* Activity
Nothing but the lines below between the line holding "22.2, 0.0), z_axis=(0.0, 0.0, 1.0), x_axis=(-1.0, 0.0, 0.0)))" and the line holding "p6 = place(p5, frame((11.05, 0.0, 0.0)))", inclusive, should appear in the answer, each set down exactly.

* Listed records
__________________________________________________
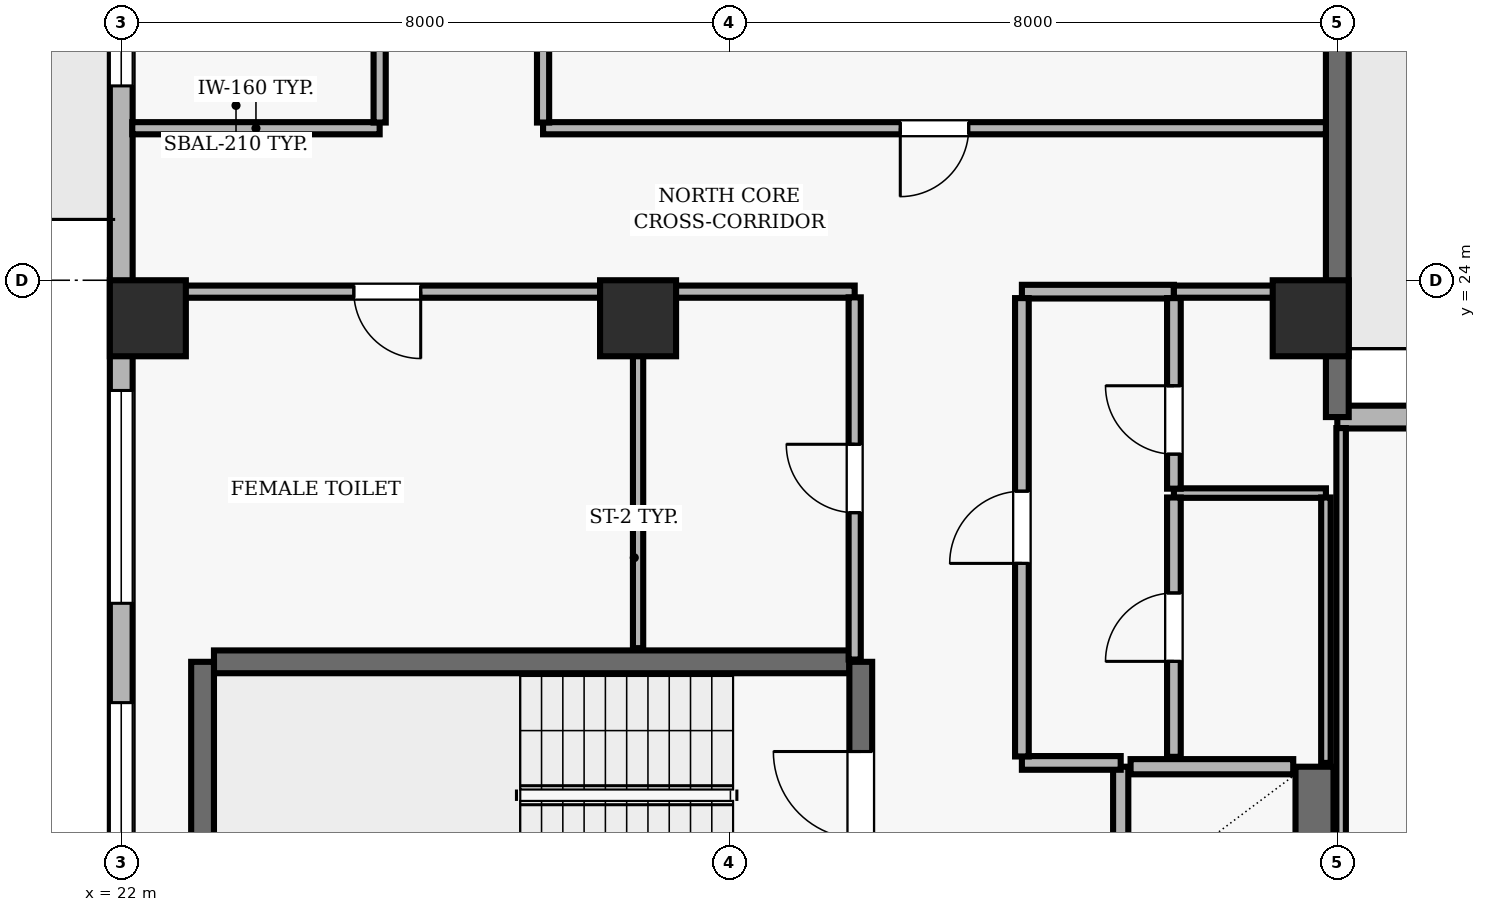
"""IFC4 building model, lengths in metres.
Left out: names, types, materials, properties, quantities, classifications, styles, units other than length and angle.
Written with IfcOpenShell. Run it as: python <this file> out.ifc"""

import sys

from ifc_helpers import new_model, si_unit, direction, frame, frame_2d, origin, origin_2d, place, context, subcontext, project, spatial, rectangle, extrude, element, fill, save


model = new_model("IFC4")
c1 = context("Model", 3, precision=1e-05, world=origin(), true_north=direction((0.0, 1.0)))
c2 = subcontext(c1, "Body", "Model", "MODEL_VIEW")
j1 = project(units=[si_unit("LENGTHUNIT", "METRE"), si_unit("PLANEANGLEUNIT", "RADIAN")], contexts=[c1])
p1 = place(None, origin())
s1 = spatial("IfcSite", under=j1, at=p1, CompositionType="ELEMENT")
p2 = place(p1, origin())
s2 = spatial("IfcBuilding", under=s1, at=p2, CompositionType="ELEMENT")
p3 = place(p2, frame((0.0, 0.0, 230.4)))
s3 = spatial("IfcBuildingStorey", under=s2, at=p3, CompositionType="ELEMENT", Elevation=230.4)
for number, where, z_axis, x_axis in (
    (1, (22.35, 23.5, 0.0), (0.0, 0.0, 1.0), (1.0, 0.0, 0.0)),
    (2, (28.8, 23.5, 0.0), (0.0, 0.0, 1.0), (1.0, 0.0, 0.0)),
    (3, (37.65, 23.5, 0.0), (0.0, 0.0, 1.0), (1.0, 0.0, 0.0)),
):
    element("IfcColumn", number, at=place(p3, frame(where, z_axis=z_axis, x_axis=x_axis)), inside=s3, PredefinedType="COLUMN", context=c2, shape_type="SweptSolid", body=[
        extrude(rectangle(XDim=1.0, YDim=1.0, at=origin_2d()), origin(), (0.0, 0.0, 1.0), 3.9),
    ])
p4 = place(p3, frame((42.4, 22.2, 0.0), z_axis=(0.0, 0.0, 1.0), x_axis=(-1.0, 0.0, 0.0)))
e4 = element("IfcWall", 4, at=p4, inside=s3, PredefinedType="SOLIDWALL", context=c2, shape_type="SweptSolid", body=[
    extrude(rectangle(XDim=4.4, YDim=0.3, at=frame_2d((2.2, 0.0))), origin(), (0.0, 0.0, 1.0), 3.69),
])
p5 = place(p3, frame((38.0, 22.2, 0.0), z_axis=(0.0, 0.0, 1.0), x_axis=(0.0, 1.0, 0.0)))
e5 = element("IfcWall", 5, at=p5, inside=s3, PredefinedType="SOLIDWALL", context=c2, shape_type="SweptSolid", body=[
    extrude(rectangle(XDim=18.5, YDim=0.3, at=frame_2d((9.25, 0.0))), origin(), (0.0, 0.0, 1.0), 3.69),
])
p6 = place(p5, frame((11.05, 0.0, 0.0)))
e6 = element("IfcOpeningElement", 6, at=p6, cuts=e5, PredefinedType="OPENING", context=c2, shape_type="SweptSolid", body=[
    extrude(rectangle(XDim=1.0, YDim=2.2, at=frame_2d((0.5, 1.1))), frame((0.0, 0.16, 0.0), z_axis=(0.0, -1.0, 0.0), x_axis=(1.0, 0.0, 0.0)), (0.0, 0.0, 1.0), 0.32),
])
p7 = place(p3, frame((22.0, 40.7, 0.0), z_axis=(0.0, 0.0, 1.0), x_axis=(0.0, -1.0, 0.0)))
e7 = element("IfcWall", 7, at=p7, inside=s3, PredefinedType="SOLIDWALL", context=c2, shape_type="SweptSolid", body=[
    extrude(rectangle(XDim=38.2, YDim=0.3, at=frame_2d((19.1, 0.0))), origin(), (0.0, 0.0, 1.0), 3.69),
])
p8 = place(p7, frame((6.7, 0.0, 0.0)))
e8 = element("IfcOpeningElement", 8, at=p8, cuts=e7, PredefinedType="OPENING", context=c2, shape_type="SweptSolid", body=[
    extrude(rectangle(XDim=1.0, YDim=2.2, at=frame_2d((0.5, 1.1))), frame((0.0, 0.16, 0.0), z_axis=(0.0, -1.0, 0.0), x_axis=(1.0, 0.0, 0.0)), (0.0, 0.0, 1.0), 0.32),
])
p9 = place(p7, frame((11.343, 0.0, 0.9)))
e9 = element("IfcOpeningElement", 9, at=p9, cuts=e7, PredefinedType="OPENING", context=c2, shape_type="SweptSolid", body=[
    extrude(rectangle(XDim=2.8, YDim=1.8, at=frame_2d((1.4, 0.9))), frame((0.0, 0.16, 0.0), z_axis=(0.0, -1.0, 0.0), x_axis=(1.0, 0.0, 0.0)), (0.0, 0.0, 1.0), 0.32),
])
p10 = place(p7, frame((18.15, 0.0, 0.9)))
e10 = element("IfcOpeningElement", 10, at=p10, cuts=e7, PredefinedType="OPENING", context=c2, shape_type="SweptSolid", body=[
    extrude(rectangle(XDim=2.8, YDim=1.8, at=frame_2d((1.4, 0.9))), frame((0.0, 0.16, 0.0), z_axis=(0.0, -1.0, 0.0), x_axis=(1.0, 0.0, 0.0)), (0.0, 0.0, 1.0), 0.32),
])
p11 = place(p7, frame((22.257, 0.0, 0.9)))
e11 = element("IfcOpeningElement", 11, at=p11, cuts=e7, PredefinedType="OPENING", context=c2, shape_type="SweptSolid", body=[
    extrude(rectangle(XDim=2.8, YDim=1.8, at=frame_2d((1.4, 0.9))), frame((0.0, 0.16, 0.0), z_axis=(0.0, -1.0, 0.0), x_axis=(1.0, 0.0, 0.0)), (0.0, 0.0, 1.0), 0.32),
])
p12 = place(p7, frame((28.614, 0.0, 0.9)))
e12 = element("IfcOpeningElement", 12, at=p12, cuts=e7, PredefinedType="OPENING", context=c2, shape_type="SweptSolid", body=[
    extrude(rectangle(XDim=2.8, YDim=1.8, at=frame_2d((1.4, 0.9))), frame((0.0, 0.16, 0.0), z_axis=(0.0, -1.0, 0.0), x_axis=(1.0, 0.0, 0.0)), (0.0, 0.0, 1.0), 0.32),
])
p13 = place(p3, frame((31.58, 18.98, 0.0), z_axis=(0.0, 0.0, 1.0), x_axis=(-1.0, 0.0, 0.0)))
__________________________________________________
* Task output
p4 = place(p3, frame((42.4, 22.2, 0.0), z_axis=(0.0, 0.0, 1.0), x_axis=(-1.0, 0.0, 0.0)))
e4 = element("IfcWall", 4, at=p4, inside=s3, PredefinedType="SOLIDWALL", context=c2, shape_type="SweptSolid", body=[
    extrude(rectangle(XDim=4.4, YDim=0.3, at=frame_2d((2.2, 0.0))), origin(), (0.0, 0.0, 1.0), 3.69),
])
p5 = place(p3, frame((38.0, 22.2, 0.0), z_axis=(0.0, 0.0, 1.0), x_axis=(0.0, 1.0, 0.0)))
e5 = element("IfcWall", 5, at=p5, inside=s3, PredefinedType="SOLIDWALL", context=c2, shape_type="SweptSolid", body=[
    extrude(rectangle(XDim=18.5, YDim=0.3, at=frame_2d((9.25, 0.0))), origin(), (0.0, 0.0, 1.0), 3.69),
])
p6 = place(p5, frame((11.05, 0.0, 0.0)))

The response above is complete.